→ WHAT THE TASK REQUIRES
Stop at the line containing "p2 = place(p1, origin())": write out every line from the beginning of the entries up to and including it, minus the pictures.

· · ·

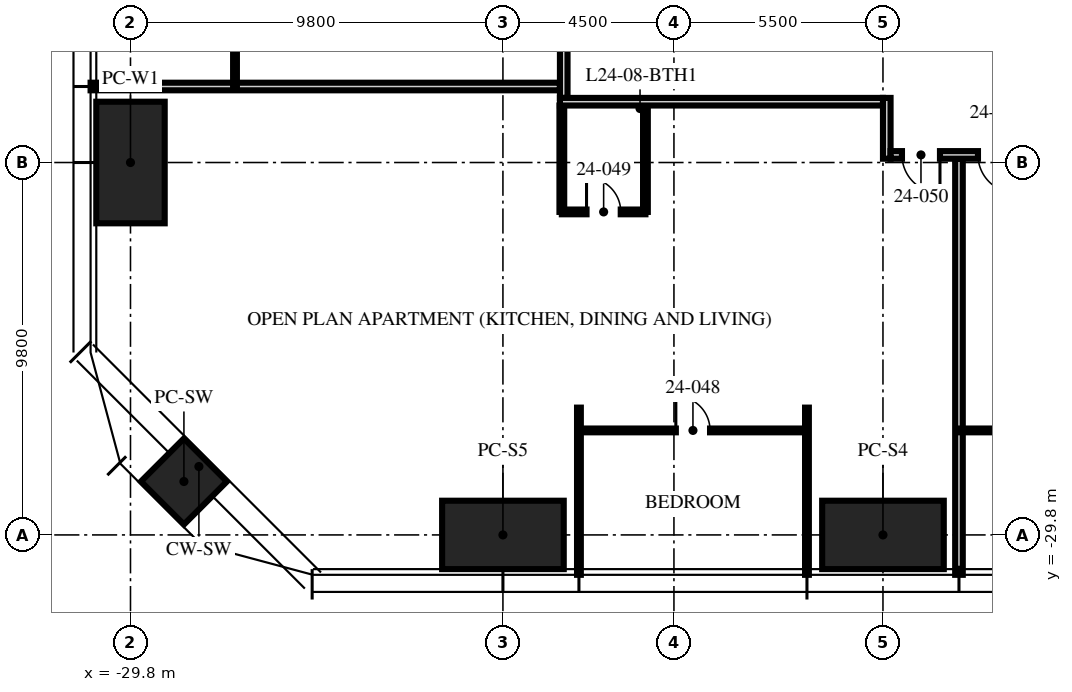
"""IFC4 building model, lengths in metres.
Left out: names, types, materials, properties, quantities, classifications, styles, units other than length and angle.
Written with IfcOpenShell. Run it as: python <this file> out.ifc"""

import sys

from ifc_helpers import new_model, si_unit, direction, frame, frame_2d, origin, origin_2d, place, context, subcontext, project, spatial, rectangle, hollow_rectangle, extrude, element, fill, save


model = new_model("IFC4")
c1 = context("Model", 3, precision=1e-05, world=origin(), true_north=direction((0.0, 1.0)))
c2 = subcontext(c1, "Body", "Model", "MODEL_VIEW")
j1 = project(units=[si_unit("LENGTHUNIT", "METRE"), si_unit("PLANEANGLEUNIT", "RADIAN")], contexts=[c1])
p1 = place(None, origin())
s1 = spatial("IfcSite", under=j1, at=p1, CompositionType="ELEMENT")
p2 = place(p1, origin())
s2 = spatial("IfcBuilding", under=s1, at=p2, CompositionType="ELEMENT")
p3 = place(p2, frame((0.0, 0.0, 96.0)))
s3 = spatial("IfcBuildingStorey", under=s2, at=p3, CompositionType="ELEMENT", Elevation=96.0)
p4 = place(p3, frame((-10.0, -29.8, 0.0), z_axis=(0.0, 0.0, 1.0), x_axis=(1.0, 0.0, 0.0)))
e1 = element("IfcColumn", 1, at=p4, inside=s3, PredefinedType="COLUMN", context=c2, shape_type="SweptSolid", body=[
    extrude(hollow_rectangle(XDim=3.2, YDim=1.8, WallThickness=0.2, at=origin_2d()), origin(), (0.0, 0.0, 1.0), 2.62),
])
for number, where, z_axis, x_axis in (
    (2, (-20.0, -29.8, 0.0), (0.0, 0.0, 1.0), (1.0, 0.0, 0.0)),
    (3, (-29.8, -20.0, 0.0), (0.0, 0.0, 1.0), (0.0, 1.0, 0.0)),
):
    element("IfcColumn", number, at=place(p3, frame(where, z_axis=z_axis, x_axis=x_axis)), inside=s3, PredefinedType="COLUMN", context=c2, shape_type="SweptSolid", body=[
        extrude(hollow_rectangle(XDim=3.2, YDim=1.8, WallThickness=0.2, at=origin_2d()), origin(), (0.0, 0.0, 1.0), 2.47),
    ])
p5 = place(p3, frame((-28.394, -28.394, 0.0), z_axis=(0.0, 0.0, 1.0), x_axis=(0.707106781187, -0.707106781187, 0.0)))
e4 = element("IfcColumn", 4, at=p5, inside=s3, PredefinedType="COLUMN", context=c2, shape_type="SweptSolid", body=[
    extrude(hollow_rectangle(XDim=1.6, YDim=1.6, WallThickness=0.1, at=origin_2d()), origin(), (0.0, 0.0, 1.0), 2.74),
])
p6 = place(p3, frame((-18.5, -18.0, 0.0), z_axis=(0.0, 0.0, 1.0), x_axis=(-1.0, 0.0, 0.0)))
e5 = element("IfcWall", 5, at=p6, inside=s3, PredefinedType="PARTITIONING", context=c2, shape_type="SweptSolid", body=[
    extrude(rectangle(XDim=12.35, YDim=0.2, at=frame_2d((6.175, 0.0))), origin(), (0.0, 0.0, 1.0), 2.3),
])
for number, where, z_axis, x_axis in (
    (6, (-18.0, -26.45, 0.0), (0.0, 0.0, 1.0), (0.0, -1.0, 0.0)),
    (7, (-12.0, -26.45, 0.0), (0.0, 0.0, 1.0), (0.0, -1.0, 0.0)),
):
    element("IfcWall", number, at=place(p3, frame(where, z_axis=z_axis, x_axis=x_axis)), inside=s3, PredefinedType="PARTITIONING", context=c2, shape_type="SweptSolid", body=[
        extrude(rectangle(XDim=4.4, YDim=0.1, at=frame_2d((2.2, 0.0))), origin(), (0.0, 0.0, 1.0), 2.7),
    ])
p7 = place(p3, frame((-8.0, -19.9, 0.0), z_axis=(0.0, 0.0, 1.0), x_axis=(0.0, -1.0, 0.0)))
e8 = element("IfcWall", 8, at=p7, inside=s3, PredefinedType="PARTITIONING", context=c2, shape_type="SweptSolid", body=[
    extrude(rectangle(XDim=10.95, YDim=0.2, at=frame_2d((5.475, 0.0))), origin(), (0.0, 0.0, 1.0), 2.7),
])
p8 = place(p3, frame((-27.05, -12.0, 0.0), z_axis=(0.0, 0.0, 1.0), x_axis=(0.0, -1.0, 0.0)))
e9 = element("IfcWall", 9, at=p8, inside=s3, PredefinedType="PARTITIONING", context=c2, shape_type="SweptSolid", body=[
    extrude(rectangle(XDim=6.0, YDim=0.1, at=frame_2d((3.0, 0.0))), origin(), (0.0, 0.0, 1.0), 2.2),
])
p9 = place(p8, frame((2.55, 0.0, 0.0)))
e10 = element("IfcOpeningElement", 10, at=p9, cuts=e9, PredefinedType="OPENING", context=c2, shape_type="SweptSolid", body=[
    extrude(rectangle(XDim=0.9, YDim=2.1, at=frame_2d((0.45, 1.05))), frame((0.0, 0.06, 0.0), z_axis=(0.0, -1.0, 0.0), x_axis=(1.0, 0.0, 0.0)), (0.0, 0.0, 1.0), 0.12),
])
p10 = place(p3, frame((-18.0, -27.05, 0.0), z_axis=(0.0, 0.0, 1.0), x_axis=(1.0, 0.0, 0.0)))
e11 = element("IfcWall", 11, at=p10, inside=s3, PredefinedType="PARTITIONING", context=c2, shape_type="SweptSolid", body=[
    extrude(rectangle(XDim=6.0, YDim=0.1, at=frame_2d((3.0, 0.0))), origin(), (0.0, 0.0, 1.0), 2.2),
])
p11 = place(p10, frame((2.55, 0.0, 0.0)))
e12 = element("IfcOpeningElement", 12, at=p11, cuts=e11, PredefinedType="OPENING", context=c2, shape_type="SweptSolid", body=[
    extrude(rectangle(XDim=0.9, YDim=2.1, at=frame_2d((0.45, 1.05))), frame((0.0, 0.06, 0.0), z_axis=(0.0, -1.0, 0.0), x_axis=(1.0, 0.0, 0.0)), (0.0, 0.0, 1.0), 0.12),
])
p12 = place(p3, frame((-18.45, -21.3, 0.0), z_axis=(0.0, 0.0, 1.0), x_axis=(1.0, 0.0, 0.0)))
e13 = element("IfcWall", 13, at=p12, inside=s3, PredefinedType="PARTITIONING", context=c2, shape_type="SweptSolid", body=[
    extrude(rectangle(XDim=2.2, YDim=0.125, at=frame_2d((1.1, 0.0))), origin(), (0.0, 0.0, 1.0), 3.4),
])
p13 = place(p12, frame((0.65, 0.0, 0.0)))
e14 = element("IfcOpeningElement", 14, at=p13, cuts=e13, PredefinedType="OPENING", context=c2, shape_type="SweptSolid", body=[
    extrude(rectangle(XDim=0.9, YDim=2.1, at=frame_2d((0.45, 1.05))), frame((0.0, 0.073, 0.0), z_axis=(0.0, -1.0, 0.0), x_axis=(1.0, 0.0, 0.0)), (0.0, 0.0, 1.0), 0.145),
])
p14 = place(p3, frame((-18.45, -18.5, 0.0), z_axis=(0.0, 0.0, 1.0), x_axis=(0.0, -1.0, 0.0)))
e15 = element("IfcWall", 15, at=p14, inside=s3, PredefinedType="PARTITIONING", context=c2, shape_type="SweptSolid", body=[
    extrude(rectangle(XDim=2.8, YDim=0.125, at=frame_2d((1.4, 0.0))), origin(), (0.0, 0.0, 1.0), 2.3),
])
p15 = place(p3, frame((-16.25, -18.5, 0.0), z_axis=(0.0, 0.0, 1.0), x_axis=(0.0, -1.0, 0.0)))
e16 = element("IfcWall", 16, at=p15, inside=s3, PredefinedType="PARTITIONING", context=c2, shape_type="SweptSolid", body=[
    extrude(rectangle(XDim=2.8, YDim=0.125, at=frame_2d((1.4, 0.0))), origin(), (0.0, 0.0, 1.0), 3.4),
])
p16 = place(p3, frame((-8.0, -27.05, 0.0), z_axis=(0.0, 0.0, 1.0), x_axis=(1.0, 0.0, 0.0)))
e17 = element("IfcWall", 17, at=p16, inside=s3, PredefinedType="PARTITIONING", context=c2, shape_type="SweptSolid", body=[
    extrude(rectangle(XDim=6.0, YDim=0.1, at=frame_2d((3.0, 0.0))), origin(), (0.0, 0.0, 1.0), 2.2),
])
p17 = place(p16, frame((2.55, 0.0, 0.0)))
e18 = element("IfcOpeningElement", 18, at=p17, cuts=e17, PredefinedType="OPENING", context=c2, shape_type="SweptSolid", body=[
    extrude(rectangle(XDim=0.9, YDim=2.1, at=frame_2d((0.45, 1.05))), frame((0.0, 0.06, 0.0), z_axis=(0.0, -1.0, 0.0), x_axis=(1.0, 0.0, 0.0)), (0.0, 0.0, 1.0), 0.12),
])
p18 = place(p3, frame((-18.4, 0.0, 0.0), z_axis=(0.0, 0.0, 1.0), x_axis=(0.0, -1.0, 0.0)))
e19 = element("IfcWall", 19, at=p18, inside=s3, PredefinedType="PARTITIONING", context=c2, shape_type="SweptSolid", body=[
    extrude(rectangle(XDim=18.3, YDim=0.2, at=frame_2d((9.15, 0.0))), origin(), (0.0, 0.0, 1.0), 2.2),
])
p19 = place(p3, frame((-9.9, -18.3, 0.0), z_axis=(0.0, 0.0, 1.0), x_axis=(0.0, -1.0, 0.0)))
e20 = element("IfcWall", 20, at=p19, inside=s3, PredefinedType="PARTITIONING", context=c2, shape_type="SweptSolid", body=[
    extrude(rectangle(XDim=1.6, YDim=0.2, at=frame_2d((0.8, 0.0))), origin(), (0.0, 0.0, 1.0), 2.3),
])
p20 = place(p3, frame((-6.2, -19.8, 0.0), z_axis=(0.0, 0.0, 1.0), x_axis=(-1.0, 0.0, 0.0)))
e21 = element("IfcWall", 21, at=p20, inside=s3, PredefinedType="PARTITIONING", context=c2, shape_type="SweptSolid", body=[
    extrude(rectangle(XDim=3.6, YDim=0.2, at=frame_2d((1.8, 0.0))), origin(), (0.0, 0.0, 1.0), 2.3),
])
p21 = place(p20, frame((2.3, 0.0, 0.0)))
e22 = element("IfcOpeningElement", 22, at=p21, cuts=e21, PredefinedType="OPENING", context=c2, shape_type="SweptSolid", body=[
    extrude(rectangle(XDim=1.0, YDim=2.2, at=frame_2d((0.5, 1.1))), frame((0.0, 0.11, 0.0), z_axis=(0.0, -1.0, 0.0), x_axis=(1.0, 0.0, 0.0)), (0.0, 0.0, 1.0), 0.22),
])
p22 = place(p20, frame((0.3, 0.0, 0.0)))
e23 = element("IfcOpeningElement", 23, at=p22, cuts=e21, PredefinedType="OPENING", context=c2, shape_type="SweptSolid", body=[
    extrude(rectangle(XDim=1.0, YDim=2.2, at=frame_2d((0.5, 1.1))), frame((0.0, 0.11, 0.0), z_axis=(0.0, -1.0, 0.0), x_axis=(1.0, 0.0, 0.0)), (0.0, 0.0, 1.0), 0.22),
])
p23 = place(p3, frame((-10.0, -18.4, 0.0), z_axis=(0.0, 0.0, 1.0), x_axis=(-1.0, 0.0, 0.0)))
e24 = element("IfcWall", 24, at=p23, inside=s3, PredefinedType="PARTITIONING", context=c2, shape_type="SweptSolid", body=[
    extrude(rectangle(XDim=8.5, YDim=0.2, at=frame_2d((4.25, 0.0))), origin(), (0.0, 0.0, 1.0), 2.2),
])
p24 = place(p11, origin())
e25 = element("IfcDoor", 25, at=p24, inside=s3, OperationType="SINGLE_SWING_LEFT", PredefinedType="DOOR", context=c2, shape_type="SweptSolid", body=[
    extrude(rectangle(XDim=0.9, YDim=2.1, at=frame_2d((0.45, 1.05))), frame((0.0, 0.025, 0.0), z_axis=(0.0, -1.0, 0.0), x_axis=(1.0, 0.0, 0.0)), (0.0, 0.0, 1.0), 0.05),
])
fill(e12, e25)
p25 = place(p13, origin())
e26 = element("IfcDoor", 26, at=p25, inside=s3, OperationType="SINGLE_SWING_LEFT", PredefinedType="DOOR", context=c2, shape_type="SweptSolid", body=[
    extrude(rectangle(XDim=0.9, YDim=2.1, at=frame_2d((0.45, 1.05))), frame((0.0, 0.025, 0.0), z_axis=(0.0, -1.0, 0.0), x_axis=(1.0, 0.0, 0.0)), (0.0, 0.0, 1.0), 0.05),
])
fill(e14, e26)
p26 = place(p21, origin())
e27 = element("IfcDoor", 27, at=p26, inside=s3, OperationType="SINGLE_SWING_LEFT", PredefinedType="DOOR", context=c2, shape_type="SweptSolid", body=[
    extrude(rectangle(XDim=1.0, YDim=2.2, at=frame_2d((0.5, 1.1))), frame((0.0, 0.025, 0.0), z_axis=(0.0, -1.0, 0.0), x_axis=(1.0, 0.0, 0.0)), (0.0, 0.0, 1.0), 0.05),
])
fill(e22, e27)
p27 = place(p22, origin())
e28 = element("IfcDoor", 28, at=p27, inside=s3, OperationType="SINGLE_SWING_LEFT", PredefinedType="DOOR", context=c2, shape_type="SweptSolid", body=[
    extrude(rectangle(XDim=1.0, YDim=2.2, at=frame_2d((0.5, 1.1))), frame((0.0, 0.025, 0.0), z_axis=(0.0, -1.0, 0.0), x_axis=(1.0, 0.0, 0.0)), (0.0, 0.0, 1.0), 0.05),
])
fill(e23, e28)
save(model, sys.argv[1])

· · ·

→ EXPECTED ANSWER
"""IFC4 building model, lengths in metres.
Left out: names, types, materials, properties, quantities, classifications, styles, units other than length and angle.
Written with IfcOpenShell. Run it as: python <this file> out.ifc"""

import sys

from ifc_helpers import new_model, si_unit, direction, frame, frame_2d, origin, origin_2d, place, context, subcontext, project, spatial, rectangle, hollow_rectangle, extrude, element, fill, save


model = new_model("IFC4")
c1 = context("Model", 3, precision=1e-05, world=origin(), true_north=direction((0.0, 1.0)))
c2 = subcontext(c1, "Body", "Model", "MODEL_VIEW")
j1 = project(units=[si_unit("LENGTHUNIT", "METRE"), si_unit("PLANEANGLEUNIT", "RADIAN")], contexts=[c1])
p1 = place(None, origin())
s1 = spatial("IfcSite", under=j1, at=p1, CompositionType="ELEMENT")
p2 = place(p1, origin())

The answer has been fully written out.